- Opening Delimiter -

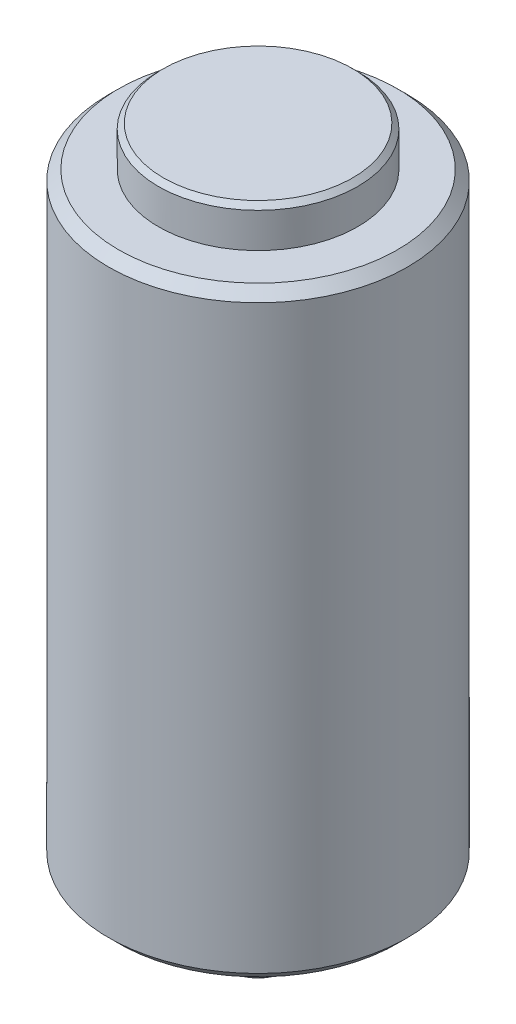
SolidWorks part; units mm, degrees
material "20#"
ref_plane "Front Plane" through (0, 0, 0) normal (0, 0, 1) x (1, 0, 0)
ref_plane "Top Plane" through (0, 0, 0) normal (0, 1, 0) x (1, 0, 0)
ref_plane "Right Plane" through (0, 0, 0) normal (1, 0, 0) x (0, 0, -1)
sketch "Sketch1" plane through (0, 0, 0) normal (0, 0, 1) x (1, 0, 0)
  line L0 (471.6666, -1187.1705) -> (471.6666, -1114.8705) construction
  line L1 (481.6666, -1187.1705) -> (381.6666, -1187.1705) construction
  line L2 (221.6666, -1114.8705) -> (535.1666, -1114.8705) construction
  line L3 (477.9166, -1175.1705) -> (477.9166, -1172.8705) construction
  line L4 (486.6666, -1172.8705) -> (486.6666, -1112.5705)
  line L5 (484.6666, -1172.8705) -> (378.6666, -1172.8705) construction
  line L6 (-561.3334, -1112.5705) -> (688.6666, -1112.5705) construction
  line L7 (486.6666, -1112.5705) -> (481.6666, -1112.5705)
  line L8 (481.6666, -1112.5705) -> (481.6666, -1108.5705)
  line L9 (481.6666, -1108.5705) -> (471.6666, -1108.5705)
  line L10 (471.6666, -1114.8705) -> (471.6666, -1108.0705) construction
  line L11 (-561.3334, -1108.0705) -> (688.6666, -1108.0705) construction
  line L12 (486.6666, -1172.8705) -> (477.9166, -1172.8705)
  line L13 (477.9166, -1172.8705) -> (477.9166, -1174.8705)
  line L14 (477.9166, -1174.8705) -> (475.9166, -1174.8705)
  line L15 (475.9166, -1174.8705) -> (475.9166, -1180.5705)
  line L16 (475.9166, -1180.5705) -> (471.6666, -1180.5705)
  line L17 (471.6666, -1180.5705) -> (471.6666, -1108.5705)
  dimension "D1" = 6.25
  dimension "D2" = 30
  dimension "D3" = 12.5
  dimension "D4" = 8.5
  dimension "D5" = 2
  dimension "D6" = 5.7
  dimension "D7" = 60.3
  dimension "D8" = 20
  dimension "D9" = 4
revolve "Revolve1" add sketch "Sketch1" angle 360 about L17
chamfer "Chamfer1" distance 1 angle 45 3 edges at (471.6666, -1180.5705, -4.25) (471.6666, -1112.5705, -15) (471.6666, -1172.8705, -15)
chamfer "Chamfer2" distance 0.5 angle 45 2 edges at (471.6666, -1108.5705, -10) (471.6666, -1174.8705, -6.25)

- Closing Delimiter -

TASK PROMPT:
Everything in the listing above must be restated word for word, except the images.

RESULT FOR THIS EXERCISE:
SolidWorks part; units mm, degrees
material "20#"
ref_plane "Front Plane" through (0, 0, 0) normal (0, 0, 1) x (1, 0, 0)
ref_plane "Top Plane" through (0, 0, 0) normal (0, 1, 0) x (1, 0, 0)
ref_plane "Right Plane" through (0, 0, 0) normal (1, 0, 0) x (0, 0, -1)
sketch "Sketch1" plane through (0, 0, 0) normal (0, 0, 1) x (1, 0, 0)
  line L0 (471.6666, -1187.1705) -> (471.6666, -1114.8705) construction
  line L1 (481.6666, -1187.1705) -> (381.6666, -1187.1705) construction
  line L2 (221.6666, -1114.8705) -> (535.1666, -1114.8705) construction
  line L3 (477.9166, -1175.1705) -> (477.9166, -1172.8705) construction
  line L4 (486.6666, -1172.8705) -> (486.6666, -1112.5705)
  line L5 (484.6666, -1172.8705) -> (378.6666, -1172.8705) construction
  line L6 (-561.3334, -1112.5705) -> (688.6666, -1112.5705) construction
  line L7 (486.6666, -1112.5705) -> (481.6666, -1112.5705)
  line L8 (481.6666, -1112.5705) -> (481.6666, -1108.5705)
  line L9 (481.6666, -1108.5705) -> (471.6666, -1108.5705)
  line L10 (471.6666, -1114.8705) -> (471.6666, -1108.0705) construction
  line L11 (-561.3334, -1108.0705) -> (688.6666, -1108.0705) construction
  line L12 (486.6666, -1172.8705) -> (477.9166, -1172.8705)
  line L13 (477.9166, -1172.8705) -> (477.9166, -1174.8705)
  line L14 (477.9166, -1174.8705) -> (475.9166, -1174.8705)
  line L15 (475.9166, -1174.8705) -> (475.9166, -1180.5705)
  line L16 (475.9166, -1180.5705) -> (471.6666, -1180.5705)
  line L17 (471.6666, -1180.5705) -> (471.6666, -1108.5705)
  dimension "D1" = 6.25
  dimension "D2" = 30
  dimension "D3" = 12.5
  dimension "D4" = 8.5
  dimension "D5" = 2
  dimension "D6" = 5.7
  dimension "D7" = 60.3
  dimension "D8" = 20
  dimension "D9" = 4
revolve "Revolve1" add sketch "Sketch1" angle 360 about L17
chamfer "Chamfer1" distance 1 angle 45 3 edges at (471.6666, -1180.5705, -4.25) (471.6666, -1112.5705, -15) (471.6666, -1172.8705, -15)
chamfer "Chamfer2" distance 0.5 angle 45 2 edges at (471.6666, -1108.5705, -10) (471.6666, -1174.8705, -6.25)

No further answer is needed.